Task to complete :: Your answer should consist of each line below that contains the string "spatial".

[Saved entries]
□ □ □ □ □
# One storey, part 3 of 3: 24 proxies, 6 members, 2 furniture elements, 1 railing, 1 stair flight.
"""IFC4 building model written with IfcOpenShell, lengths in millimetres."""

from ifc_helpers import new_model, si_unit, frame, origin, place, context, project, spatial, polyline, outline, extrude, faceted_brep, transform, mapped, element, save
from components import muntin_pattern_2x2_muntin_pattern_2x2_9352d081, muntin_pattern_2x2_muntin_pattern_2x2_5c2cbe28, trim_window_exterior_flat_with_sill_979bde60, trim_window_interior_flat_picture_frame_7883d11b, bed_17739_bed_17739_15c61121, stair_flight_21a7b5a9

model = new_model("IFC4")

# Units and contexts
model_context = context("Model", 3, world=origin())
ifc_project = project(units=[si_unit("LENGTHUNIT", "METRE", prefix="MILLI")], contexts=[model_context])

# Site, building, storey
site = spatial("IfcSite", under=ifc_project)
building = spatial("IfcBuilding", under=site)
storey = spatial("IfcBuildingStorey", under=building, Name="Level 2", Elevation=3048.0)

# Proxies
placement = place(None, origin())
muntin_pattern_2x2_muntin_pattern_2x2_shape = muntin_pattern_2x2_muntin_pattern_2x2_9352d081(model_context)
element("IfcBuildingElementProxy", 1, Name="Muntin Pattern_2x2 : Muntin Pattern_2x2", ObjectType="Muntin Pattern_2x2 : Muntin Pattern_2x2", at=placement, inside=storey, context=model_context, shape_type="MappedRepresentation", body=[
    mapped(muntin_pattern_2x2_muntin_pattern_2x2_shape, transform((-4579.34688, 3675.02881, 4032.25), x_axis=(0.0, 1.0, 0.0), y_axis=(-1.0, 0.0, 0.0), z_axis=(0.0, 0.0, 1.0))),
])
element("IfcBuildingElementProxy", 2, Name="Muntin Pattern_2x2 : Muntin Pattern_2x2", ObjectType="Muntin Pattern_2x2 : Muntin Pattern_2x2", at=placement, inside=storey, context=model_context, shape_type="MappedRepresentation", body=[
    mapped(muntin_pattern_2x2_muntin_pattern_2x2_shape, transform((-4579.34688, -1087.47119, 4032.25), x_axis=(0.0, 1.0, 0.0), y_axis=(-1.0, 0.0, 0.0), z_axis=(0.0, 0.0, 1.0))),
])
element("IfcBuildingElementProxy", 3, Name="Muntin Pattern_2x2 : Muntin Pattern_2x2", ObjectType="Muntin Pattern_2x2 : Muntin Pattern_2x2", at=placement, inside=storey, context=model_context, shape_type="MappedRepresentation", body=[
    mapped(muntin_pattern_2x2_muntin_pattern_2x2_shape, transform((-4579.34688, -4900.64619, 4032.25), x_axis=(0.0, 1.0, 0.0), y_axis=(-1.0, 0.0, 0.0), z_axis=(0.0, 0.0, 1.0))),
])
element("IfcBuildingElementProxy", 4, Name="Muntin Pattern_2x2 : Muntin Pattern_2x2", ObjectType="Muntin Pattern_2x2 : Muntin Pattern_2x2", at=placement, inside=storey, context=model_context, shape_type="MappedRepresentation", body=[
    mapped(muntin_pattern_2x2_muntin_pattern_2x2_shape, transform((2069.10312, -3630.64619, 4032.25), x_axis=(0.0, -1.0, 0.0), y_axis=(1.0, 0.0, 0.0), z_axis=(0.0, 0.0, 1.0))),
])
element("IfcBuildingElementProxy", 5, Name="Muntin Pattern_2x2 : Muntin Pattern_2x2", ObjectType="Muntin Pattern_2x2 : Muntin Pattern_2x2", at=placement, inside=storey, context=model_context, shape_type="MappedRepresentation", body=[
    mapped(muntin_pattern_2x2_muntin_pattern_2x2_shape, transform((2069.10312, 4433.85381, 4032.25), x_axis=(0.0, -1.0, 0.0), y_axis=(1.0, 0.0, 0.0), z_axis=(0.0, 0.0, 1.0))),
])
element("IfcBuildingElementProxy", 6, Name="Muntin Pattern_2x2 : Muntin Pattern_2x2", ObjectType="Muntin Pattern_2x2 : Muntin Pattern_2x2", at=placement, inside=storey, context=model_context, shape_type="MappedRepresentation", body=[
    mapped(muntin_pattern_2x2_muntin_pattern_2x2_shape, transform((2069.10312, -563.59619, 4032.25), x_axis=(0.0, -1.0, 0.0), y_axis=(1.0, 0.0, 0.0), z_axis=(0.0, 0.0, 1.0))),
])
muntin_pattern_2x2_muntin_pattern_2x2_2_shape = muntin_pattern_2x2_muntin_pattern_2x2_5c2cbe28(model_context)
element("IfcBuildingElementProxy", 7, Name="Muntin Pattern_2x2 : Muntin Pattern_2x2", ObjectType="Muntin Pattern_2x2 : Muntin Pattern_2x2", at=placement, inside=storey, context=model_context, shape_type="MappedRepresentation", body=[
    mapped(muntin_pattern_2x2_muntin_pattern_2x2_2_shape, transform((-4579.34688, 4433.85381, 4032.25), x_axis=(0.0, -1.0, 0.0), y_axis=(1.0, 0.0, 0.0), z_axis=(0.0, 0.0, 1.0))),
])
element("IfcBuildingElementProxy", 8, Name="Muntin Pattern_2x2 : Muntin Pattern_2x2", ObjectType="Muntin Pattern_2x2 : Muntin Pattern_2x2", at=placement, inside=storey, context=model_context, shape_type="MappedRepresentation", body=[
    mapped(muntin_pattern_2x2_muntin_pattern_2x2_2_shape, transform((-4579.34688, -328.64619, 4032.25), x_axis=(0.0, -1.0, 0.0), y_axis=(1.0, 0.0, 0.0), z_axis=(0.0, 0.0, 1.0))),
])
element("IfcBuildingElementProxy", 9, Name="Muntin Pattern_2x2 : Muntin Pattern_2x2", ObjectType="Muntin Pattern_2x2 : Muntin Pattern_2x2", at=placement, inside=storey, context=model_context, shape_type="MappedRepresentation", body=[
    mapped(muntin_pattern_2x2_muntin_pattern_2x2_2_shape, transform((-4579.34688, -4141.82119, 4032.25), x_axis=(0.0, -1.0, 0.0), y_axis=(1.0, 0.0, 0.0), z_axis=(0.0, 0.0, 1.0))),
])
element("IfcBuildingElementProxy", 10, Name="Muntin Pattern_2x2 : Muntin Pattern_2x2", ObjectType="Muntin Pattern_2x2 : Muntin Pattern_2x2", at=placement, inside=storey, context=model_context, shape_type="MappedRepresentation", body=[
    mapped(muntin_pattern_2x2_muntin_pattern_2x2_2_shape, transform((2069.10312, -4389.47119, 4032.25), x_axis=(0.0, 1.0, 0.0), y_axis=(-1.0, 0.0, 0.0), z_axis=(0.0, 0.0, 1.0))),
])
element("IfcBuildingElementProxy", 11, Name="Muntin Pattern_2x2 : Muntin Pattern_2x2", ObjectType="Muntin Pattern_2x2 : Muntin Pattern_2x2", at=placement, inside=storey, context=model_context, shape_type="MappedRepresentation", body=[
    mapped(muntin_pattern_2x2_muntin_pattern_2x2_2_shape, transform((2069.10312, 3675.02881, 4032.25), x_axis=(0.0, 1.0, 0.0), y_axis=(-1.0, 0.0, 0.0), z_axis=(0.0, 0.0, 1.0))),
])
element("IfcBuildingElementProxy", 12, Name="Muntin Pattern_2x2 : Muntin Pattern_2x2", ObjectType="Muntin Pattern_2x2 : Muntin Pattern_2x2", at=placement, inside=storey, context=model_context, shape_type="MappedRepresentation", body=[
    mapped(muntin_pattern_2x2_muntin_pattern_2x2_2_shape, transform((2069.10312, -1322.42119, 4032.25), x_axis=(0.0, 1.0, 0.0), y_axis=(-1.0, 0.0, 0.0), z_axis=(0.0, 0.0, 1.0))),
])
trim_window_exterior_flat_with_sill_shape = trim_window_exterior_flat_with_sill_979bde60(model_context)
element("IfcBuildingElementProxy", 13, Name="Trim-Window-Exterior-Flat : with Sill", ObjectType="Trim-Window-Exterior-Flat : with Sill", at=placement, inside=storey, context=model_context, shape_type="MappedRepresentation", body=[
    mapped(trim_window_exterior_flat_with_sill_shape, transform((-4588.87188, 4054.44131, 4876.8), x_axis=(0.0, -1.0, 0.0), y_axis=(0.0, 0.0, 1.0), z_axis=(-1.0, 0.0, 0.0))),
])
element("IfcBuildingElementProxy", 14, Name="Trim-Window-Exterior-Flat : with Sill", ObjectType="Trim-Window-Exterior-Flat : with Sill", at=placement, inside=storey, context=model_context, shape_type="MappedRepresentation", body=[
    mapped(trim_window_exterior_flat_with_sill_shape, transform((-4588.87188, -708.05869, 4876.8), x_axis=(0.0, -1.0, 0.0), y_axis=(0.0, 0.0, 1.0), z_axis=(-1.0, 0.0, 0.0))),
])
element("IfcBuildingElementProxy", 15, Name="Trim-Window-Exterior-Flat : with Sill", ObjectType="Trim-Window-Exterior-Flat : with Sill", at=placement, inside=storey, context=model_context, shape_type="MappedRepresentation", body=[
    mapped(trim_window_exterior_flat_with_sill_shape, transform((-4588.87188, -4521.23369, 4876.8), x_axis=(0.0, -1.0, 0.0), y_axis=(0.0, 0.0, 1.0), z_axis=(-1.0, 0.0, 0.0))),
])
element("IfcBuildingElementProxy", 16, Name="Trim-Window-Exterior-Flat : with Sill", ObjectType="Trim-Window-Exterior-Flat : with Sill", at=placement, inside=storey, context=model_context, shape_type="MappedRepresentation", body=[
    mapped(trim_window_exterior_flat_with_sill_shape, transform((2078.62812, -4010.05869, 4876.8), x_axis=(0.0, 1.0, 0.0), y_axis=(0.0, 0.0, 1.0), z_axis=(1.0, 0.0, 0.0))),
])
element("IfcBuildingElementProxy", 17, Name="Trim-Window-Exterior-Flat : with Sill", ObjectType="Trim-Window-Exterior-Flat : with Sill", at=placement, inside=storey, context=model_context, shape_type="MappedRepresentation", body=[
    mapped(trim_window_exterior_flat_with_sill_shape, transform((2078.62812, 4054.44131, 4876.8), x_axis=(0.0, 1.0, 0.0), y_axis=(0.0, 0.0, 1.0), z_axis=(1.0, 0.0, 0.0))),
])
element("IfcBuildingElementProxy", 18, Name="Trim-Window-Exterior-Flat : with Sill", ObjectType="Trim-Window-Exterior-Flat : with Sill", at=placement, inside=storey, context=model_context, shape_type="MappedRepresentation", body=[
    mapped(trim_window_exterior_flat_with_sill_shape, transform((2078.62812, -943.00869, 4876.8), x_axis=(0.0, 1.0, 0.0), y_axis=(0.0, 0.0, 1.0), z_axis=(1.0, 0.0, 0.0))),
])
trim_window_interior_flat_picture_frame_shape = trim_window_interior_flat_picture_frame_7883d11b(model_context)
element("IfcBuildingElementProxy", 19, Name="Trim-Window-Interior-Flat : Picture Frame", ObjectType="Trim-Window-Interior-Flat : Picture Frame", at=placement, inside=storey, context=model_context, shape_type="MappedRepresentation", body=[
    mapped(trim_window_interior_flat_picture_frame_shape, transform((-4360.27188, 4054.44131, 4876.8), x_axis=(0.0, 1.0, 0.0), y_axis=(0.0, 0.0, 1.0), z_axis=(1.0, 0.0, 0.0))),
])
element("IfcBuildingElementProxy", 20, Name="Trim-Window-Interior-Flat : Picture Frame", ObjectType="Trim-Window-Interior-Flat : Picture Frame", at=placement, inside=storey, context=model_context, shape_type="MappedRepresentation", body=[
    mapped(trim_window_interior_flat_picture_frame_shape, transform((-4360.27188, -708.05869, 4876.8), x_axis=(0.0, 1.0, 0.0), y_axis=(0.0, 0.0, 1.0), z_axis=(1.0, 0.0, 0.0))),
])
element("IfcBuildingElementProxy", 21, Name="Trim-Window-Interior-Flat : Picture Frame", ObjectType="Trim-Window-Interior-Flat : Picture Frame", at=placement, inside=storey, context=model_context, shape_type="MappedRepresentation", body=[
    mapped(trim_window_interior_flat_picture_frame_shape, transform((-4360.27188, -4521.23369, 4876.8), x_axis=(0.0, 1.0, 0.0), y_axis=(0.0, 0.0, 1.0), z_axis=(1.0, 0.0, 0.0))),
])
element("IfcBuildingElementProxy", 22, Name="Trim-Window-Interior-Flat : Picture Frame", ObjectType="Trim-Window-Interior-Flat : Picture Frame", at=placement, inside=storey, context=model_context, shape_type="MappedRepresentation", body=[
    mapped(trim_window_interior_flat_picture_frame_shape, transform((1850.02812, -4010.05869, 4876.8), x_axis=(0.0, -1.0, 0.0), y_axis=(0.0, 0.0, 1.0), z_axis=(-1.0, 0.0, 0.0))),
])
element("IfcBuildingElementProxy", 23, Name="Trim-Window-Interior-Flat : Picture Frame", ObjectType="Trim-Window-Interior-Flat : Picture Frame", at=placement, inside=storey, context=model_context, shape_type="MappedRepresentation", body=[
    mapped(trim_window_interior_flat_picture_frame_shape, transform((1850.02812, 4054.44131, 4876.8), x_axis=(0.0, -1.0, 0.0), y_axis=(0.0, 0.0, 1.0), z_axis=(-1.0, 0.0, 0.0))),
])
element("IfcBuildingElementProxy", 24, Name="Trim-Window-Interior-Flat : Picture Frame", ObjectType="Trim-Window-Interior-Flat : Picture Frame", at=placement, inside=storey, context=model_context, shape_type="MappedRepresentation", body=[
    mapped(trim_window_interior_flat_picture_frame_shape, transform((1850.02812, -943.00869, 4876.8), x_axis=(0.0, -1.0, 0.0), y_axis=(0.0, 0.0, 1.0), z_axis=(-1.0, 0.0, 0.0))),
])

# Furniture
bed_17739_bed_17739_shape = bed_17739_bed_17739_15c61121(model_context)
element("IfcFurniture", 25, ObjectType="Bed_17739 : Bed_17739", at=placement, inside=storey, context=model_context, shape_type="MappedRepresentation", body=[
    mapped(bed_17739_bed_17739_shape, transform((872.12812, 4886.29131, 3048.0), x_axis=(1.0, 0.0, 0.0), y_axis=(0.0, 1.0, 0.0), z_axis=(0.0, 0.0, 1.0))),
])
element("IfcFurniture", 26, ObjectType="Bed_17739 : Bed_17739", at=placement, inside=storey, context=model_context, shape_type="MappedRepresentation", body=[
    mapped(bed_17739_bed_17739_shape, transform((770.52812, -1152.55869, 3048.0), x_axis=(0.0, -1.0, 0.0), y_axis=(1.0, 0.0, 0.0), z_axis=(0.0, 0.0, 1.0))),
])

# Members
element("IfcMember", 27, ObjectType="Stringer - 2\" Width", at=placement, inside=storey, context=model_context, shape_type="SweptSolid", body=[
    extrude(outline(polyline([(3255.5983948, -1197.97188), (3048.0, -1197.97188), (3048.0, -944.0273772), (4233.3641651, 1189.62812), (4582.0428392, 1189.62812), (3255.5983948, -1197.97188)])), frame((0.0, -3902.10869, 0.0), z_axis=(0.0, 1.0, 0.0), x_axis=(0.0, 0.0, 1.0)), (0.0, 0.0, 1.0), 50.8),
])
□ □ □ □ □
Written reply ::
from ifc_helpers import new_model, si_unit, frame, origin, place, context, project, spatial, polyline, outline, extrude, faceted_brep, transform, mapped, element, save
site = spatial("IfcSite", under=ifc_project)
building = spatial("IfcBuilding", under=site)
storey = spatial("IfcBuildingStorey", under=building, Name="Level 2", Elevation=3048.0)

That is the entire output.